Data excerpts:

-----

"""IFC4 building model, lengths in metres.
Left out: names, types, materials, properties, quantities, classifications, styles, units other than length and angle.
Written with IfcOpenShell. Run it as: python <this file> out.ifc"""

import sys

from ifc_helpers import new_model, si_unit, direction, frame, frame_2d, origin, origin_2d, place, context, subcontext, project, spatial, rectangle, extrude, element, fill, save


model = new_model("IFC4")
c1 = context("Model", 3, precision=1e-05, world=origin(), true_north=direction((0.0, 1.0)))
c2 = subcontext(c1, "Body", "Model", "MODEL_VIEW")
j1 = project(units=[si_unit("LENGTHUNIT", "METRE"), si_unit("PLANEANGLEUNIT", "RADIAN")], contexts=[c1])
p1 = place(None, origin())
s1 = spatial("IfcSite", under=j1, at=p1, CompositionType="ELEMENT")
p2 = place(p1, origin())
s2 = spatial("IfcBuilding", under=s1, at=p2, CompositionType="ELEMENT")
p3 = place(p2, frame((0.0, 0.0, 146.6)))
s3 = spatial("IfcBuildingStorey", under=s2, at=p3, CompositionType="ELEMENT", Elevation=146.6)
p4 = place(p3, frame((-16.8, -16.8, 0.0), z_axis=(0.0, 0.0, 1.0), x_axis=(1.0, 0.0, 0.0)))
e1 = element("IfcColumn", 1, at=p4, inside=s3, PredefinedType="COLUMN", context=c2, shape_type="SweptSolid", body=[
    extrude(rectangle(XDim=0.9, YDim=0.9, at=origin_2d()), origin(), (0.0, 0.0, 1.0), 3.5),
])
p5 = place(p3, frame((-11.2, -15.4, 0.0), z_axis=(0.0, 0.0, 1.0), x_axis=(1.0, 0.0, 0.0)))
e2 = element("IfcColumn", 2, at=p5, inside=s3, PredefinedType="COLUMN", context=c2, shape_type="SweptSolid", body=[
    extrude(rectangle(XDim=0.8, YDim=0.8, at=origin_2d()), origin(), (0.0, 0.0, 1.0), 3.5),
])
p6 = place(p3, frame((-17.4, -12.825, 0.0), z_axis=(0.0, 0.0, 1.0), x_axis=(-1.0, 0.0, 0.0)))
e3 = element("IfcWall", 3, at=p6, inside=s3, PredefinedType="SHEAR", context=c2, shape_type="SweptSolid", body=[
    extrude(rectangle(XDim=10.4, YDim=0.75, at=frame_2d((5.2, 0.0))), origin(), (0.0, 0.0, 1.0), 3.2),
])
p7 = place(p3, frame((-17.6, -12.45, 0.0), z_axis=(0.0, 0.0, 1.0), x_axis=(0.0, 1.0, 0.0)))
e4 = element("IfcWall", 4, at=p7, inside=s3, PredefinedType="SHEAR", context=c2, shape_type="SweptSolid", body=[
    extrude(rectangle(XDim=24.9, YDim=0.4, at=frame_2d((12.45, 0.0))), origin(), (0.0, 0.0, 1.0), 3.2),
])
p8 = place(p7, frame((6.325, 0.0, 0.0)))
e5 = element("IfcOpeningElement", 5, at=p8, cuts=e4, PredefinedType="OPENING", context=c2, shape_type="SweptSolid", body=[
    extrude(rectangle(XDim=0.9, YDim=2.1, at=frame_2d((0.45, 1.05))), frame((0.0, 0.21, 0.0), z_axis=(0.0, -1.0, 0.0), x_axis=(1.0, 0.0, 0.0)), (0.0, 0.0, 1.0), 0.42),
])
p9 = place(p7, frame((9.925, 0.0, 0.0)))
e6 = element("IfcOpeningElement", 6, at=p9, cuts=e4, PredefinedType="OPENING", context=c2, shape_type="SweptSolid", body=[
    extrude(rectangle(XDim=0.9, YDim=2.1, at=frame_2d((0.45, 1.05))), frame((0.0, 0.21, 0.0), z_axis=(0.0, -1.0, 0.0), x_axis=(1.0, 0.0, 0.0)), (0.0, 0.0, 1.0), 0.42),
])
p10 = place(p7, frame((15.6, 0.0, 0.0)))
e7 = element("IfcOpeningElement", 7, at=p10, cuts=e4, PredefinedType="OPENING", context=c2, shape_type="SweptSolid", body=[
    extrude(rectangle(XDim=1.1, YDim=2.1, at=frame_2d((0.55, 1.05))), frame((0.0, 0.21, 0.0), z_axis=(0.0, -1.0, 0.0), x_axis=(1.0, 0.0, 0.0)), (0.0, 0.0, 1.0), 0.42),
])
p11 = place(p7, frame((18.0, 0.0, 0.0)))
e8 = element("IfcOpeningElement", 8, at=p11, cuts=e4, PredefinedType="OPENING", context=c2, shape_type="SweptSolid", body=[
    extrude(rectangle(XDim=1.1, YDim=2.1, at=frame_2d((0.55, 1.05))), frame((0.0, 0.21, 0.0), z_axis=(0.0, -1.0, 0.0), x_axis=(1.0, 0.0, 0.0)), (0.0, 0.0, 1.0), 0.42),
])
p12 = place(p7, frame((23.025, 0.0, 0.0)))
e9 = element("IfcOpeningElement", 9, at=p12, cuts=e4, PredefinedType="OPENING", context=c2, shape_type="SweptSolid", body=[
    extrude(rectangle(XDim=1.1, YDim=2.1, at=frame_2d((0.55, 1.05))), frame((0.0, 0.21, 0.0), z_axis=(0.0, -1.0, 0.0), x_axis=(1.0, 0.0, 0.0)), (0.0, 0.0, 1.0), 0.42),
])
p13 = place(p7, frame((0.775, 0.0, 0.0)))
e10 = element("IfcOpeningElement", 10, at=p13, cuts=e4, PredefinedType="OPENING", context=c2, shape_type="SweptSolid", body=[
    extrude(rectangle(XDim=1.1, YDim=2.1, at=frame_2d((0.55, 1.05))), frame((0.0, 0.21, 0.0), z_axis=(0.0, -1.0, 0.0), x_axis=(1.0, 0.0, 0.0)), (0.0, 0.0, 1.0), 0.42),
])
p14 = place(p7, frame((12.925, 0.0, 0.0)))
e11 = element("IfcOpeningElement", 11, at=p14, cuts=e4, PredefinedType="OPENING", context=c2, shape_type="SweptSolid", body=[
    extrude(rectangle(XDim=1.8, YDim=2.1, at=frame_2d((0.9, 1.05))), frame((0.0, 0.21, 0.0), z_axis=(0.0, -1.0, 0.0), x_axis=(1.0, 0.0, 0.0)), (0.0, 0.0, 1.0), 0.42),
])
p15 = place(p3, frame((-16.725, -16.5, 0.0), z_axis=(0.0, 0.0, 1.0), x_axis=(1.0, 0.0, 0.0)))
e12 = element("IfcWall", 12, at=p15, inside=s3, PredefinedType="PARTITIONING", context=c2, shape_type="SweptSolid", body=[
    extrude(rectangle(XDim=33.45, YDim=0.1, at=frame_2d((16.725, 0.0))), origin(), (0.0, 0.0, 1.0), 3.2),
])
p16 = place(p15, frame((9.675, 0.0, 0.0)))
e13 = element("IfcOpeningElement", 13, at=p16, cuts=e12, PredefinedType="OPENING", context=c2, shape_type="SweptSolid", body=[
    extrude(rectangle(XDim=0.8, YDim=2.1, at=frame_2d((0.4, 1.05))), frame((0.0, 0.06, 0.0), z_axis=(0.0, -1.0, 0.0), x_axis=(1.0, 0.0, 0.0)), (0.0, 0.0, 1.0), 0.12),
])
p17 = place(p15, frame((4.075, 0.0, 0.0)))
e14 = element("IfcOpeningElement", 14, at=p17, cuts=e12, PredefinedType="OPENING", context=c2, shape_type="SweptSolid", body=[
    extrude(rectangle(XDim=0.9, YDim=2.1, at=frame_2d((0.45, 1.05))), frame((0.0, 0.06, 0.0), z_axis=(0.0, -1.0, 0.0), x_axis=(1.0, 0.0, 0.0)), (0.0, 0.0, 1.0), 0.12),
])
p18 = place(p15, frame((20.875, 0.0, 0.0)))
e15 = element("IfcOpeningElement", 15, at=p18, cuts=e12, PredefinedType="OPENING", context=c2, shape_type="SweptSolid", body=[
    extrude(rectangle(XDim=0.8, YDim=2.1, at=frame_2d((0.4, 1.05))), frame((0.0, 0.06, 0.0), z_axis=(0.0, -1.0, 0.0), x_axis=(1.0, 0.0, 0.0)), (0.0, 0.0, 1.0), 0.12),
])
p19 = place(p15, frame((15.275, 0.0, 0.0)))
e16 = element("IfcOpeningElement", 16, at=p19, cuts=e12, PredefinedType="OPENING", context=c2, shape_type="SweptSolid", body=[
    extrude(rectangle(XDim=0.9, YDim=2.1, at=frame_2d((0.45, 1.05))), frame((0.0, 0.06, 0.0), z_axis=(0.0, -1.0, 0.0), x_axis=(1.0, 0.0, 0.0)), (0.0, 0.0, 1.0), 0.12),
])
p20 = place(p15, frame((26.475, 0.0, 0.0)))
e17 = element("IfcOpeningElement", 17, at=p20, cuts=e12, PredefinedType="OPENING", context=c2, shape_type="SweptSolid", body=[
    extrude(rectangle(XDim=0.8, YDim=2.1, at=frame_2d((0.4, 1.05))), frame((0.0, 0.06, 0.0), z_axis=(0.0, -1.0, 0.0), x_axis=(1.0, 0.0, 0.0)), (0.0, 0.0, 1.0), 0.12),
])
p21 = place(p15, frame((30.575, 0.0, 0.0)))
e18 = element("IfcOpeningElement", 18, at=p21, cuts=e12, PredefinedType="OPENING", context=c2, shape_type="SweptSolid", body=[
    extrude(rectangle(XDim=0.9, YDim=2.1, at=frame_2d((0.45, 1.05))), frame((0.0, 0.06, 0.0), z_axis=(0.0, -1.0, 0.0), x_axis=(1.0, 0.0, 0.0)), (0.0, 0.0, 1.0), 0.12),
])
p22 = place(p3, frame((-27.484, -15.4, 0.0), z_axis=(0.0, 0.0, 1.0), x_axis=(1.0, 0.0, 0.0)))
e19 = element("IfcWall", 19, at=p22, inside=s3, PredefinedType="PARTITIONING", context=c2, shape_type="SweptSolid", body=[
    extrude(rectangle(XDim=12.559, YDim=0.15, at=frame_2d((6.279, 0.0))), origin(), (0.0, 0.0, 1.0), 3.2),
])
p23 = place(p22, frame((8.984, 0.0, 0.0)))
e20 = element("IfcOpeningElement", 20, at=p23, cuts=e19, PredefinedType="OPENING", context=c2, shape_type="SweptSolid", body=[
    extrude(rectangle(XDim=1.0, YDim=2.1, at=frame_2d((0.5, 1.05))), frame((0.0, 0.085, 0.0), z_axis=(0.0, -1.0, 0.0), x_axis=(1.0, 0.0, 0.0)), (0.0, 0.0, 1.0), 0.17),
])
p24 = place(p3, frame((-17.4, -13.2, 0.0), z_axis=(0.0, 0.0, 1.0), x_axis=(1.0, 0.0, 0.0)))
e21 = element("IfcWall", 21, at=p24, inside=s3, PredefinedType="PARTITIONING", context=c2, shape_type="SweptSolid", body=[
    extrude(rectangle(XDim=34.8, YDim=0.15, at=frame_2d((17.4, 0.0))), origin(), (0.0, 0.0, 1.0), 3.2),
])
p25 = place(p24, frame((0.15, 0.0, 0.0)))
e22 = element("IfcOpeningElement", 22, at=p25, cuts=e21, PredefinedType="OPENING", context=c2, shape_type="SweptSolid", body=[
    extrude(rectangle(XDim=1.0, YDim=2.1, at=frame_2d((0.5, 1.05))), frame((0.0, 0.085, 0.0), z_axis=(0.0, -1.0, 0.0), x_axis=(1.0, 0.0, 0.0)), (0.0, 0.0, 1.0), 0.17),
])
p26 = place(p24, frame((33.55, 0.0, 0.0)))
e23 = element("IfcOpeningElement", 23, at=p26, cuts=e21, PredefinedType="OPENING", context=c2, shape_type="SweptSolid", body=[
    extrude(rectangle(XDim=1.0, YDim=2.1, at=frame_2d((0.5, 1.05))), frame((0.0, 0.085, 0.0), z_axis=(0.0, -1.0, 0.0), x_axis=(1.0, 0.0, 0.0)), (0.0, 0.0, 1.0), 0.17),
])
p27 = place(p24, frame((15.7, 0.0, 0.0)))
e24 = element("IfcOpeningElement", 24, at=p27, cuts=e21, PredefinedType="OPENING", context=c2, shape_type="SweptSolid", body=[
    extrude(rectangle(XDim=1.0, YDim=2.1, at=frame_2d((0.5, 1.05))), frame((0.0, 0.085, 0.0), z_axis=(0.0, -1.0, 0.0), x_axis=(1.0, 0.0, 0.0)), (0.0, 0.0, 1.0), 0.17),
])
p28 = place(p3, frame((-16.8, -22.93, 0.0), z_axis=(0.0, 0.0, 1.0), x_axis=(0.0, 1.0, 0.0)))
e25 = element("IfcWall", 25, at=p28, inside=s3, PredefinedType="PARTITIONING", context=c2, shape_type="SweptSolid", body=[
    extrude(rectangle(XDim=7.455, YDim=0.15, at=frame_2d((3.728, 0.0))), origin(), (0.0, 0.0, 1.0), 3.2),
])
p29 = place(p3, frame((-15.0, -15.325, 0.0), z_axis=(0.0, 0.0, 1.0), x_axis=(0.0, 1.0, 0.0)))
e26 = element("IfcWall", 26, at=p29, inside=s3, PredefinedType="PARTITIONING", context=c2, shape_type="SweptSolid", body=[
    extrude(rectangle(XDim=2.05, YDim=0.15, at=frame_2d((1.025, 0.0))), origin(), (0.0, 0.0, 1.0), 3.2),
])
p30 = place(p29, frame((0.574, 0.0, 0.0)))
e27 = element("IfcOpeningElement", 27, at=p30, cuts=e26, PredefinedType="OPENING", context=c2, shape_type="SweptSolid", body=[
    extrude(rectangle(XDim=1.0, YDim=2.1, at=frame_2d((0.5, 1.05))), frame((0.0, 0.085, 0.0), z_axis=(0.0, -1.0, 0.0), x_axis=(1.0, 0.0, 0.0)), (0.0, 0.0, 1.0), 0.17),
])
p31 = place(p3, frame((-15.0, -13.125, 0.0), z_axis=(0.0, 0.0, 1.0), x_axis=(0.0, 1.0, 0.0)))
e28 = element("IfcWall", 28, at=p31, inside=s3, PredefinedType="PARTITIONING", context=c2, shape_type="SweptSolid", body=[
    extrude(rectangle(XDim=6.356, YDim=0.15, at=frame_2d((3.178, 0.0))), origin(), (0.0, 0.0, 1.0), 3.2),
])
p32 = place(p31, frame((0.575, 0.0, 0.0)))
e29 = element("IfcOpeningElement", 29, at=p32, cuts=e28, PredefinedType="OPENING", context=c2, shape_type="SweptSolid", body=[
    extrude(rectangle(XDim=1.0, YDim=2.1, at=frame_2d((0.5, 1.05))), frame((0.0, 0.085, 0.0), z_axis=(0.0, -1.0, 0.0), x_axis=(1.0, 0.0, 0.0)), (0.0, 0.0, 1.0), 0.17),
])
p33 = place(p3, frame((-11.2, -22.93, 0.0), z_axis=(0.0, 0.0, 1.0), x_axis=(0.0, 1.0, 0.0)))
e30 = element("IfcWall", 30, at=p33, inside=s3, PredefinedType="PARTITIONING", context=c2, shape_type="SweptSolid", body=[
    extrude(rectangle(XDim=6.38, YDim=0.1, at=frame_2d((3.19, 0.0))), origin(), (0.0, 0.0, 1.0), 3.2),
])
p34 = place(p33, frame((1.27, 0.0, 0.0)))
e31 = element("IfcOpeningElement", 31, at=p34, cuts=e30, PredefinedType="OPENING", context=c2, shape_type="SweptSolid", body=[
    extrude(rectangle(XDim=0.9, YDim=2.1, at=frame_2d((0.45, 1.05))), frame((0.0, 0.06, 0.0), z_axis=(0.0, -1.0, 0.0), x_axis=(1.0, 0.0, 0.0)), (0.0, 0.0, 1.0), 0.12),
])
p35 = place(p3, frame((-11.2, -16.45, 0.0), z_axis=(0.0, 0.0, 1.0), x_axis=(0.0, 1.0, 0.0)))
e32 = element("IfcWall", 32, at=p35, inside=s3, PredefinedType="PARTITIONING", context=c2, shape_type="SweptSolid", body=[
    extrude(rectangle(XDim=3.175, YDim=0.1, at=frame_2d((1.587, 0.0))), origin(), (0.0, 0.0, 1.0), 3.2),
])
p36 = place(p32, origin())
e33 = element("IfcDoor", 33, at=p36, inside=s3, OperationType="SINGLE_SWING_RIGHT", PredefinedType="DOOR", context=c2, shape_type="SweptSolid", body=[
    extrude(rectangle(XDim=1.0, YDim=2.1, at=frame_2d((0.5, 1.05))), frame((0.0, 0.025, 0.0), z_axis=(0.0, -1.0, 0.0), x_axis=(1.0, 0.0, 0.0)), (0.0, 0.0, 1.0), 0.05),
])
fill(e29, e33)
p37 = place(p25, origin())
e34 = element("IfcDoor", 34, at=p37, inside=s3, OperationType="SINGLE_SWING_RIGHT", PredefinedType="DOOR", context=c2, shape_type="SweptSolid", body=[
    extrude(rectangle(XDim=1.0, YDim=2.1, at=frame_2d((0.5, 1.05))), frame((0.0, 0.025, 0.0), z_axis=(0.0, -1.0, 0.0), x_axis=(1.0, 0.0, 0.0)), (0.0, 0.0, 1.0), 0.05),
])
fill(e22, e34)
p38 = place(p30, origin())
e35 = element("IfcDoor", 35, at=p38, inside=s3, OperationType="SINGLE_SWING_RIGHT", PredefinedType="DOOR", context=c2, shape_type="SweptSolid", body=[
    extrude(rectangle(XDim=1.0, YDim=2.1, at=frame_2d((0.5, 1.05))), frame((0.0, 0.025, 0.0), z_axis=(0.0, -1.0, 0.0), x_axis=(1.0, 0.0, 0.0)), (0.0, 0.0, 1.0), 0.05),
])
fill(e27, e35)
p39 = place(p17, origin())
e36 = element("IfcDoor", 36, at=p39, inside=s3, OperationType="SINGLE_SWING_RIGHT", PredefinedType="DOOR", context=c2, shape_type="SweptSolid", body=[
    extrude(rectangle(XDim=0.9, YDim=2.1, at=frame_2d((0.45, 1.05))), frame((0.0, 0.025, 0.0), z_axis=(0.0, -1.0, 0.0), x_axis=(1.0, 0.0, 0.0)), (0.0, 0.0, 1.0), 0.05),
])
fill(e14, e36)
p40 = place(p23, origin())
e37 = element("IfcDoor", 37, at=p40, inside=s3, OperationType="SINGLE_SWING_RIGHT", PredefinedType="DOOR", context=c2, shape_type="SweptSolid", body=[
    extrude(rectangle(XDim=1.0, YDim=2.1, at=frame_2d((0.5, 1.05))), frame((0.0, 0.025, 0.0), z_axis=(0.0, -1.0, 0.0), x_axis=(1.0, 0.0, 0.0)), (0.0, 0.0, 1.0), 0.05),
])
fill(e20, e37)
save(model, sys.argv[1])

-----

§ **EXERCISE REQUIREMENTS**
In the entries above, find each line with the string "COLUMN" and copy it.

§ **RESPONSE**
e1 = element("IfcColumn", 1, at=p4, inside=s3, PredefinedType="COLUMN", context=c2, shape_type="SweptSolid", body=[
e2 = element("IfcColumn", 2, at=p5, inside=s3, PredefinedType="COLUMN", context=c2, shape_type="SweptSolid", body=[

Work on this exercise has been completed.